■ Directions
How many lines of the data contain the word "IfcColumn"? Give only that number.

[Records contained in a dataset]
--------------------------------

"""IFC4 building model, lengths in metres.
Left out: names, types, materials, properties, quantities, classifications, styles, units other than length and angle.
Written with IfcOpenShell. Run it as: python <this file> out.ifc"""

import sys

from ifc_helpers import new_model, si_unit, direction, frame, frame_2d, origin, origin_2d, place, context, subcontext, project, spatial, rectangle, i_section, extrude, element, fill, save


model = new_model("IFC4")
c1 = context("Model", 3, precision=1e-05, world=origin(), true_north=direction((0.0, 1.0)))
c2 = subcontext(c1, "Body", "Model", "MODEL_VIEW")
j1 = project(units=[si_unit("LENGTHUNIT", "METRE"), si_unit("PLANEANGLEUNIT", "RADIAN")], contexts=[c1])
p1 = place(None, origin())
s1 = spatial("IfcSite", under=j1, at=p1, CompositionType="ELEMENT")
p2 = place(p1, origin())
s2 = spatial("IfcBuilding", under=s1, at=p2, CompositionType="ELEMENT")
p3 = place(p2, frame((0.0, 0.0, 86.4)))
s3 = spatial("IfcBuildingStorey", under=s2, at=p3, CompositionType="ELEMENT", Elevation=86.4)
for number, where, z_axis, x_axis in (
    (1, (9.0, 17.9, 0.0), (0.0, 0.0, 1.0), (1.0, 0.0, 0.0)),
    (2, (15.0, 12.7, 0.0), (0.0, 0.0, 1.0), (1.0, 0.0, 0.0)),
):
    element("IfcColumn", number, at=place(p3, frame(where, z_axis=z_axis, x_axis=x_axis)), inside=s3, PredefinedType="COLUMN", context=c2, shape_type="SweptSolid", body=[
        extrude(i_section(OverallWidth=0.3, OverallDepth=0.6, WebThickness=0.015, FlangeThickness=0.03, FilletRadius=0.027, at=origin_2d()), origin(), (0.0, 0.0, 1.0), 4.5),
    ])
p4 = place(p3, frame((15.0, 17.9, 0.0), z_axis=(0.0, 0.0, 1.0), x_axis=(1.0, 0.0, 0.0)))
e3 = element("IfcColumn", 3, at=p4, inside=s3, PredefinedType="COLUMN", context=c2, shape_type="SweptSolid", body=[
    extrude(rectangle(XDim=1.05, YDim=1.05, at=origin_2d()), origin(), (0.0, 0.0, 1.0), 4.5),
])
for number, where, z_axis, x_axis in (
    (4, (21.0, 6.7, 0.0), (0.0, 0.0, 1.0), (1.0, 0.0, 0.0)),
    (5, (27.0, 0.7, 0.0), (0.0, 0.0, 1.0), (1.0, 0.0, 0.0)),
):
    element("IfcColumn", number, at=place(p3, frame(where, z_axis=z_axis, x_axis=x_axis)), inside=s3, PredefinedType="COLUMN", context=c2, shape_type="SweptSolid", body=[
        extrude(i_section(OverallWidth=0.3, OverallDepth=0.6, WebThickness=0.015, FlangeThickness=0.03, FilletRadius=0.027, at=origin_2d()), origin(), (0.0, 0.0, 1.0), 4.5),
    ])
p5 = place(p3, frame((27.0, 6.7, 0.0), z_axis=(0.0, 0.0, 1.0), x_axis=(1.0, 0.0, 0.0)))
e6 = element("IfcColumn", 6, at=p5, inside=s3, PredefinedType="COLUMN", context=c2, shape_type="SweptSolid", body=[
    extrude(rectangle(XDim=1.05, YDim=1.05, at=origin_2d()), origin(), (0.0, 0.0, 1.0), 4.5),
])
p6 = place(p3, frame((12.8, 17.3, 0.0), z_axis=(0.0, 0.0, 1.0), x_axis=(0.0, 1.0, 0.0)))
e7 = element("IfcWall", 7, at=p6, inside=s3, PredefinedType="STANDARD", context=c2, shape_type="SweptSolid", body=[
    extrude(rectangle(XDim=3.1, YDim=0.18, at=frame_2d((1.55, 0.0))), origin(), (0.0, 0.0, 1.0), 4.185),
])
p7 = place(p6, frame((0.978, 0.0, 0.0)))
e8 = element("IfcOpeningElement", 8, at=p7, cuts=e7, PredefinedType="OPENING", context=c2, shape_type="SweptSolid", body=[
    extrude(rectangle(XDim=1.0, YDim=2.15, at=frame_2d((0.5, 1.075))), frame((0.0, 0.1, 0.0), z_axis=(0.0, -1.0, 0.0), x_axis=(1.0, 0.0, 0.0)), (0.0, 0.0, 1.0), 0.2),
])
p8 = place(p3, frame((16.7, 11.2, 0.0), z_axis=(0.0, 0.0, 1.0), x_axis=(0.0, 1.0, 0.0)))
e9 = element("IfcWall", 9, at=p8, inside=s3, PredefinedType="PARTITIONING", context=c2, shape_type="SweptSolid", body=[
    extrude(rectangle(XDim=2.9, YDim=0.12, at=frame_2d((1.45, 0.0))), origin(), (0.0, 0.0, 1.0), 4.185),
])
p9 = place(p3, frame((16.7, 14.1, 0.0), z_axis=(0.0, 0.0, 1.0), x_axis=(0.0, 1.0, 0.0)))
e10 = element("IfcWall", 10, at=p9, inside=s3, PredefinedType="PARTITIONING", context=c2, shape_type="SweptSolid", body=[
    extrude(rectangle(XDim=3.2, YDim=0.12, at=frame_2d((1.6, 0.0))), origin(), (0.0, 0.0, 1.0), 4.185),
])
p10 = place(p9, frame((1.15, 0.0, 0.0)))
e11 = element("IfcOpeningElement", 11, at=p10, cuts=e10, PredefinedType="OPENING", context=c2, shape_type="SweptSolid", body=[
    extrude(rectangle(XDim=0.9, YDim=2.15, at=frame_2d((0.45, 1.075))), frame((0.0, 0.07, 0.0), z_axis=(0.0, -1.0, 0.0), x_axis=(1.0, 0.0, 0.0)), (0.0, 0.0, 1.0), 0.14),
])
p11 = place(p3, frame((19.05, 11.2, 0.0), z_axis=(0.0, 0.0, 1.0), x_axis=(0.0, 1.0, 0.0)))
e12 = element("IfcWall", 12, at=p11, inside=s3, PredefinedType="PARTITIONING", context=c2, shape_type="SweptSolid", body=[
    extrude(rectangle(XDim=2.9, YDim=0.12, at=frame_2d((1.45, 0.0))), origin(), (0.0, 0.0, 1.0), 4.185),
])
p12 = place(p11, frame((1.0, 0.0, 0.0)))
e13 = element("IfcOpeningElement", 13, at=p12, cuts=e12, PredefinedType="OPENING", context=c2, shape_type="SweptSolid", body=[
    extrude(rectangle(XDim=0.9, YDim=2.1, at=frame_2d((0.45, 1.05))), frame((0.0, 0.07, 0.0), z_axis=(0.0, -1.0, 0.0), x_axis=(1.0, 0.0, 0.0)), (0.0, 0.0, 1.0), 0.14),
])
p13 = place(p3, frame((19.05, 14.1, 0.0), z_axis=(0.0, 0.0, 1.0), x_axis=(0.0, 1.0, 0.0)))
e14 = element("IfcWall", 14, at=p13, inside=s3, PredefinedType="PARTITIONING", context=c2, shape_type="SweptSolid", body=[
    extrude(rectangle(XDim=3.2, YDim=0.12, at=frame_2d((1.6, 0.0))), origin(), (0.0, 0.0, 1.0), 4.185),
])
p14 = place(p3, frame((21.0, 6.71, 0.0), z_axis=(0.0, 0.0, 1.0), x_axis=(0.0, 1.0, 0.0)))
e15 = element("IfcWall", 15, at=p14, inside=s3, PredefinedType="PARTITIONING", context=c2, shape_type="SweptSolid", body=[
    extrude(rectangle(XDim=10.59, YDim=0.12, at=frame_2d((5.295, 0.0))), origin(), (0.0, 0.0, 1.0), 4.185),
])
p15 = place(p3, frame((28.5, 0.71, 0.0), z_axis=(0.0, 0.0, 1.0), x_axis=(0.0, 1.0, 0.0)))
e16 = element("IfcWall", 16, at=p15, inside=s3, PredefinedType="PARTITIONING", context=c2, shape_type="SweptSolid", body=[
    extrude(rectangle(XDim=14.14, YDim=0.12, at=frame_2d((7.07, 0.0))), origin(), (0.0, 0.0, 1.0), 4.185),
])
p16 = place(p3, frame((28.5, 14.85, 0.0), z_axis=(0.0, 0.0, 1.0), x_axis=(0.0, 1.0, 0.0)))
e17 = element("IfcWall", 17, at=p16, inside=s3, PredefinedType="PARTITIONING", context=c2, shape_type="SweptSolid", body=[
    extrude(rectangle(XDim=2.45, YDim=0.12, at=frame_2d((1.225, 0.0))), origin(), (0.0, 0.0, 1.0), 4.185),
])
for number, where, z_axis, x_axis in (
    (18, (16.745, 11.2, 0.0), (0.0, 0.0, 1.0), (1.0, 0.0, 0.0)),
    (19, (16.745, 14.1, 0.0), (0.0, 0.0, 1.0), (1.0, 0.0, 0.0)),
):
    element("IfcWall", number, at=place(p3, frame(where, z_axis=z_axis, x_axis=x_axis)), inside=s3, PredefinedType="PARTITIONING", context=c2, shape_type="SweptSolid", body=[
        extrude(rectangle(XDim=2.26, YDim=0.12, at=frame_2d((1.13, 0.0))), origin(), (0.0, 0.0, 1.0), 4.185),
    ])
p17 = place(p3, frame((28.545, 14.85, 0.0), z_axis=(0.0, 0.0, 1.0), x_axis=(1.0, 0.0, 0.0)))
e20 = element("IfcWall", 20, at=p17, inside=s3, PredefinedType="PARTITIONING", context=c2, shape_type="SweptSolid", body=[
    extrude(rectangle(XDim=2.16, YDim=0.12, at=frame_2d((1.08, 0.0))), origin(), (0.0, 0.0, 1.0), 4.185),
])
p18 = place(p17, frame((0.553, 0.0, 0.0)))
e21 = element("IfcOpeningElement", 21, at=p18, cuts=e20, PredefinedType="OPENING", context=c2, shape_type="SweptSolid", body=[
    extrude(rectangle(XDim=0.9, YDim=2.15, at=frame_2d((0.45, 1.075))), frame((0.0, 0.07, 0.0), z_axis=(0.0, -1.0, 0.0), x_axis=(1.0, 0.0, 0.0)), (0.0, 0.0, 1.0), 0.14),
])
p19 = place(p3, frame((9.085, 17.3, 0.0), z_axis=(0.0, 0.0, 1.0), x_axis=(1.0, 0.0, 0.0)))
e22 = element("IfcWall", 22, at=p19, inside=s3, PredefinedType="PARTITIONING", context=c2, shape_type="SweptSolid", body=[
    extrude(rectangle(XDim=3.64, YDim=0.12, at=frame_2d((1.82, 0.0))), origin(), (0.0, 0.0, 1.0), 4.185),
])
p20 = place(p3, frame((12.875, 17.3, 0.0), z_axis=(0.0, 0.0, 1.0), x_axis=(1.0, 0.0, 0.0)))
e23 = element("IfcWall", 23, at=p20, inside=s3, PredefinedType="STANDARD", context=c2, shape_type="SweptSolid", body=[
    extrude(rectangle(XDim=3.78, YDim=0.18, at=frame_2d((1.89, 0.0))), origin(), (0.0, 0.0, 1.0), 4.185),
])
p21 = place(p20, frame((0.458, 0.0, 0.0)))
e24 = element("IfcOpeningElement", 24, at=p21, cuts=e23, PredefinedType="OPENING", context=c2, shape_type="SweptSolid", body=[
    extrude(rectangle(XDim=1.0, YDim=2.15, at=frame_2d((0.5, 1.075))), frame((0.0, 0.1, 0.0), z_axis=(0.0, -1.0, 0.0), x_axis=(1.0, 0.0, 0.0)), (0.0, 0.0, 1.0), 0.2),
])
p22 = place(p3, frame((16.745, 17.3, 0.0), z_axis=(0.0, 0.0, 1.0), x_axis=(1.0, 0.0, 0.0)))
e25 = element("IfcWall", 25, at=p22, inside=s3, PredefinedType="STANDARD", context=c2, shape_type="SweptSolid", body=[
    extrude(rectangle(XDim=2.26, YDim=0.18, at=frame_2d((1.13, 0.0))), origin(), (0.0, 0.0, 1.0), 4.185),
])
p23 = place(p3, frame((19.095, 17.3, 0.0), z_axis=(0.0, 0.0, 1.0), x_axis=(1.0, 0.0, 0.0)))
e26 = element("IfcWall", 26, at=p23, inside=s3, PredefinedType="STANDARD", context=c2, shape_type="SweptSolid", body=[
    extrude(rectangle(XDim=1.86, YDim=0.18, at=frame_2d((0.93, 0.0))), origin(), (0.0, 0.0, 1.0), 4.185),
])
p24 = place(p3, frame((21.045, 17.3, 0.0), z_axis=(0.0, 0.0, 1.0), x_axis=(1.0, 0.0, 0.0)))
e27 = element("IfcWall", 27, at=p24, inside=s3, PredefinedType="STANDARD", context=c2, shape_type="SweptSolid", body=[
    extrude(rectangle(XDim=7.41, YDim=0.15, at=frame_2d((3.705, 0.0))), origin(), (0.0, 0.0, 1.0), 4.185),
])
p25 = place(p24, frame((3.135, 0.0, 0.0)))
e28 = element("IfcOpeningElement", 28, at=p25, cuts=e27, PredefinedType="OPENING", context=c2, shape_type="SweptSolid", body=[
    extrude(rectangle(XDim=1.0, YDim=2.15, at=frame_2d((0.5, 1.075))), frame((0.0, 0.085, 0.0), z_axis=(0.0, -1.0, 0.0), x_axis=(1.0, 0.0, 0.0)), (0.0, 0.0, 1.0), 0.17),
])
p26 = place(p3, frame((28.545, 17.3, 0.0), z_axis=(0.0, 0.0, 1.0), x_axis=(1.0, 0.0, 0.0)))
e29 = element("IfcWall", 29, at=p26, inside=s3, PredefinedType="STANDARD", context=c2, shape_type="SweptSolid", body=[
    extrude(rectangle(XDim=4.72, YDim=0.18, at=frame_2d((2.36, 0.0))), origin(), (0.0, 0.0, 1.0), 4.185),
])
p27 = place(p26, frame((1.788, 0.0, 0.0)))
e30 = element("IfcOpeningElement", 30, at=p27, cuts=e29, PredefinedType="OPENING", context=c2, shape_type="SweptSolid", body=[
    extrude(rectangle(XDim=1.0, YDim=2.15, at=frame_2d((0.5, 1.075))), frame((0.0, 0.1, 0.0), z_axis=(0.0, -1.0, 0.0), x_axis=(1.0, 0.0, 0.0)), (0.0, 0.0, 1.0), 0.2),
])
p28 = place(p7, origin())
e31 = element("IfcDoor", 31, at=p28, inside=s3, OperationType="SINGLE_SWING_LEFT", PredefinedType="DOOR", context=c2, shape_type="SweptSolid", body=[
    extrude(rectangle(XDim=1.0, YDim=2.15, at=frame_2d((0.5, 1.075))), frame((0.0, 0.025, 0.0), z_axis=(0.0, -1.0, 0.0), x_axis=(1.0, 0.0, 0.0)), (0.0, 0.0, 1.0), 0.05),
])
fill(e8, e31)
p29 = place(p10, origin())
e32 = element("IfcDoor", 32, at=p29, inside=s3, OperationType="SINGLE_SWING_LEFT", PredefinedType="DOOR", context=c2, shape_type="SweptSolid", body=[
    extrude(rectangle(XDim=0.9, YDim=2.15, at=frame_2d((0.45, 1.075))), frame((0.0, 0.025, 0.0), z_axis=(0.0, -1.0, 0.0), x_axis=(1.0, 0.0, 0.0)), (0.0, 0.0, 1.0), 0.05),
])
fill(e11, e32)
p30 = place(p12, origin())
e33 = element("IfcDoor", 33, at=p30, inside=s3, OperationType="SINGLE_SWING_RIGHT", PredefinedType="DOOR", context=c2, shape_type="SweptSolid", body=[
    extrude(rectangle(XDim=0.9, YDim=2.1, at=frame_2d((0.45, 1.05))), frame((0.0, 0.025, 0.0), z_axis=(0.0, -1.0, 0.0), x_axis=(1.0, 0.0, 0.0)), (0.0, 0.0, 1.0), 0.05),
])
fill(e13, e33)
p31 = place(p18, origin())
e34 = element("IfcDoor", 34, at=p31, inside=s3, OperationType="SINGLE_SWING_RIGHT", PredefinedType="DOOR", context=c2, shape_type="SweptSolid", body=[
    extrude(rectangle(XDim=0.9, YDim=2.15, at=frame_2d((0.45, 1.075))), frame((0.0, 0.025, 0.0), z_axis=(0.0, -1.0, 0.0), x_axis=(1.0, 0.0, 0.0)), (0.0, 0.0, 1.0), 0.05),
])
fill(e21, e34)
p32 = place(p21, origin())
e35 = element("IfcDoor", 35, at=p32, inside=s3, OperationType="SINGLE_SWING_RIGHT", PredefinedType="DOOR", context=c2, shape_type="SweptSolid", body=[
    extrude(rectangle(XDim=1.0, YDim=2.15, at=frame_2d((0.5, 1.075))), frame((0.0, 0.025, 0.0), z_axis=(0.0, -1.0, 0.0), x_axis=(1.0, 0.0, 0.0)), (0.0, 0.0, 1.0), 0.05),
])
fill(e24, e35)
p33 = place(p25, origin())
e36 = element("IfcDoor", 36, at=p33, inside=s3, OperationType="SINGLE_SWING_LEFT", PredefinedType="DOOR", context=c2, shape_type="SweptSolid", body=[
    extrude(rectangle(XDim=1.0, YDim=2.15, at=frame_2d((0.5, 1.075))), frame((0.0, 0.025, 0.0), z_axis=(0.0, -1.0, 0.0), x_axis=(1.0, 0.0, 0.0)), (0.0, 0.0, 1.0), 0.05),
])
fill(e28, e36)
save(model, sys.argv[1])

--------------------------------

■ Expected answer
4